──────── Material supplied
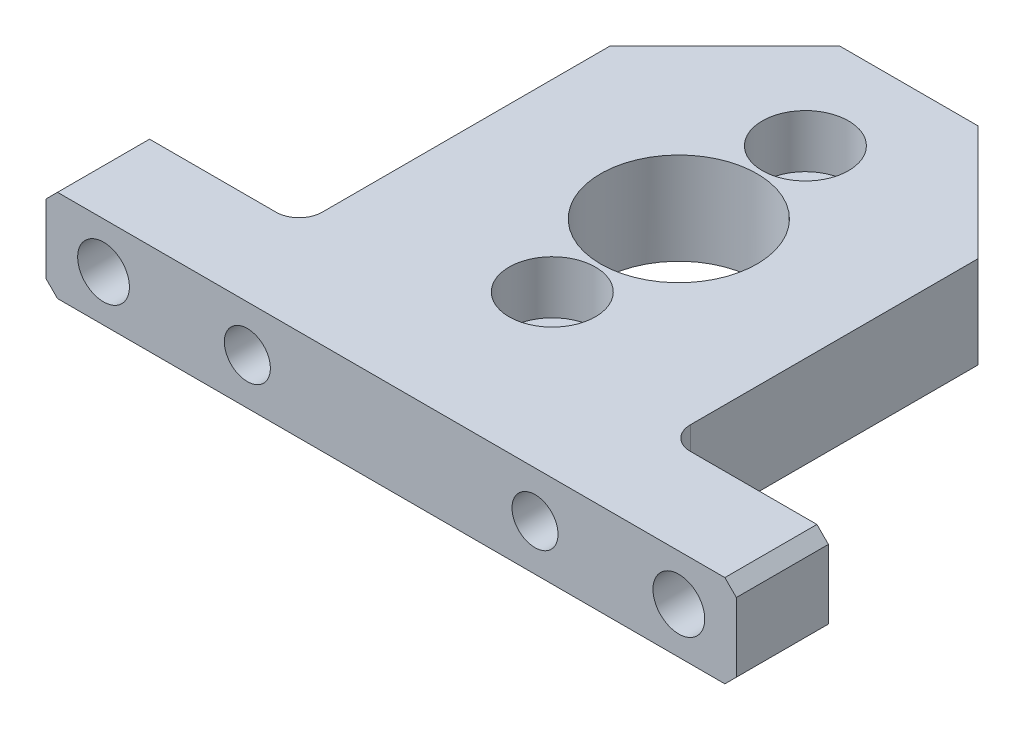
from build123d import *

# Parameters (mm, degrees)
EXTRUDE_1_DEPTH              = 4
CHAMFER_1_SIZE               = 1
CHAMFER_2_SIZE               = 10
CUT_EXTRUDE_1_REACH          = 56.672
SKETCH_2_R                   = 6.8
HOLE_WIZARD_M4_2_D           = 4.5
HOLE_WIZARD_M4_2_CBORE_D     = 7.5
HOLE_WIZARD_M4_2_CBORE_DEPTH = 4.6
F_4_0MM_1_D                  = 4
F_4_0MM_1_DEPTH              = 10
F_4_0MM_1_TIP                = 1.201721238
HOLE_WIZARD_M4_1_D           = 4.5


with BuildPart() as part:
    # 草图1 → 凸台-拉伸1 (new, symmetric)
    with BuildSketch(Plane(origin=(0, 0, 0), x_dir=(1, 0, 0), z_dir=(0, 1, 0))):
        with BuildLine():
            Line((-30, 0), (30, 0))
            Line((30, 0), (30, 8))
            Line((30, 8), (18, 8))
            ThreePointArc((18, 8), (16.585786438, 8.585786438), (16, 10))
            Line((16, 10), (16, 45))
            Line((16, 45), (-16, 45))
            Line((-16, 45), (-16, 10))
            ThreePointArc((-16, 10), (-16.585786438, 8.585786438), (-18, 8))
            Line((-18, 8), (-30, 8))
            Line((-30, 8), (-30, 0))
        make_face()
    extrude(amount=EXTRUDE_1_DEPTH, both=True)

    # 倒角1
    chamfer_1_edges = [part.edges().sort_by_distance(p)[0] for p in [
        (30, 4, -4),
        (30, -4, -4),
        (-30, -4, -4),
        (-30, 4, -4),
    ]]
    chamfer(chamfer_1_edges, length=CHAMFER_1_SIZE)

    # 倒角2
    chamfer_2_edges = [part.edges().sort_by_distance(p)[0] for p in [
        (-16, 0, -45),
        (16, 0, -45),
    ]]
    chamfer(chamfer_2_edges, length=CHAMFER_2_SIZE)

    # 草图2 → 切除-拉伸1 (cut, up to next)
    with BuildSketch(Plane(origin=(0, 4, 0), x_dir=(1, 0, 0), z_dir=(0, 1, 0)), mode=Mode.PRIVATE) as cut_extrude_1_sk1:
        with Locations(Location((0, 25, 0), (0, 0, 270))):
            Circle(SKETCH_2_R)
    cut_extrude_1_tool1 = extrude(cut_extrude_1_sk1.sketch, amount=-CUT_EXTRUDE_1_REACH, mode=Mode.PRIVATE) & part.part
    add(cut_extrude_1_tool1.solids().sort_by_distance((0, 4, -25))[0], mode=Mode.SUBTRACT)

    # M4 六角圆柱头螺钉的柱形沉头孔2 (through all)
    with Locations(Plane(origin=(0, 4, 0), x_dir=(1, 0, 0), z_dir=(0, 1, 0))):
        with Locations((0, 36), (0, 14)):
            CounterBoreHole(HOLE_WIZARD_M4_2_D / 2, HOLE_WIZARD_M4_2_CBORE_D / 2, HOLE_WIZARD_M4_2_CBORE_DEPTH)

    # Ø4.0mm 暗销孔1
    with Locations(Plane.XY):
        with Locations((-12.5, 0), (12.5, 0)):
            Hole(F_4_0MM_1_D / 2, depth=F_4_0MM_1_DEPTH)
            with Locations((0, 0, -(F_4_0MM_1_DEPTH + F_4_0MM_1_TIP / 2))):  # 118° drill point
                Cone(0, F_4_0MM_1_D / 2, F_4_0MM_1_TIP, mode=Mode.SUBTRACT)

    # M4 间隙孔1 (through all)
    with Locations(Plane(origin=(0, 0, -8), x_dir=(-1, 0, 0), z_dir=(0, 0, -1))):
        with Locations((-25, 0), (25, 0)):
            Hole(HOLE_WIZARD_M4_1_D / 2)


solid = part.part
────────────────
(Task statement): Could you write out the records exactly while omitting every picture?

(Task result):
from build123d import *

# Parameters (mm, degrees)
EXTRUDE_1_DEPTH              = 4
CHAMFER_1_SIZE               = 1
CHAMFER_2_SIZE               = 10
CUT_EXTRUDE_1_REACH          = 56.672
SKETCH_2_R                   = 6.8
HOLE_WIZARD_M4_2_D           = 4.5
HOLE_WIZARD_M4_2_CBORE_D     = 7.5
HOLE_WIZARD_M4_2_CBORE_DEPTH = 4.6
F_4_0MM_1_D                  = 4
F_4_0MM_1_DEPTH              = 10
F_4_0MM_1_TIP                = 1.201721238
HOLE_WIZARD_M4_1_D           = 4.5


with BuildPart() as part:
    # 草图1 → 凸台-拉伸1 (new, symmetric)
    with BuildSketch(Plane(origin=(0, 0, 0), x_dir=(1, 0, 0), z_dir=(0, 1, 0))):
        with BuildLine():
            Line((-30, 0), (30, 0))
            Line((30, 0), (30, 8))
            Line((30, 8), (18, 8))
            ThreePointArc((18, 8), (16.585786438, 8.585786438), (16, 10))
            Line((16, 10), (16, 45))
            Line((16, 45), (-16, 45))
            Line((-16, 45), (-16, 10))
            ThreePointArc((-16, 10), (-16.585786438, 8.585786438), (-18, 8))
            Line((-18, 8), (-30, 8))
            Line((-30, 8), (-30, 0))
        make_face()
    extrude(amount=EXTRUDE_1_DEPTH, both=True)

    # 倒角1
    chamfer_1_edges = [part.edges().sort_by_distance(p)[0] for p in [
        (30, 4, -4),
        (30, -4, -4),
        (-30, -4, -4),
        (-30, 4, -4),
    ]]
    chamfer(chamfer_1_edges, length=CHAMFER_1_SIZE)

    # 倒角2
    chamfer_2_edges = [part.edges().sort_by_distance(p)[0] for p in [
        (-16, 0, -45),
        (16, 0, -45),
    ]]
    chamfer(chamfer_2_edges, length=CHAMFER_2_SIZE)

    # 草图2 → 切除-拉伸1 (cut, up to next)
    with BuildSketch(Plane(origin=(0, 4, 0), x_dir=(1, 0, 0), z_dir=(0, 1, 0)), mode=Mode.PRIVATE) as cut_extrude_1_sk1:
        with Locations(Location((0, 25, 0), (0, 0, 270))):
            Circle(SKETCH_2_R)
    cut_extrude_1_tool1 = extrude(cut_extrude_1_sk1.sketch, amount=-CUT_EXTRUDE_1_REACH, mode=Mode.PRIVATE) & part.part
    add(cut_extrude_1_tool1.solids().sort_by_distance((0, 4, -25))[0], mode=Mode.SUBTRACT)

    # M4 六角圆柱头螺钉的柱形沉头孔2 (through all)
    with Locations(Plane(origin=(0, 4, 0), x_dir=(1, 0, 0), z_dir=(0, 1, 0))):
        with Locations((0, 36), (0, 14)):
            CounterBoreHole(HOLE_WIZARD_M4_2_D / 2, HOLE_WIZARD_M4_2_CBORE_D / 2, HOLE_WIZARD_M4_2_CBORE_DEPTH)

    # Ø4.0mm 暗销孔1
    with Locations(Plane.XY):
        with Locations((-12.5, 0), (12.5, 0)):
            Hole(F_4_0MM_1_D / 2, depth=F_4_0MM_1_DEPTH)
            with Locations((0, 0, -(F_4_0MM_1_DEPTH + F_4_0MM_1_TIP / 2))):  # 118° drill point
                Cone(0, F_4_0MM_1_D / 2, F_4_0MM_1_TIP, mode=Mode.SUBTRACT)

    # M4 间隙孔1 (through all)
    with Locations(Plane(origin=(0, 0, -8), x_dir=(-1, 0, 0), z_dir=(0, 0, -1))):
        with Locations((-25, 0), (25, 0)):
            Hole(HOLE_WIZARD_M4_1_D / 2)


solid = part.part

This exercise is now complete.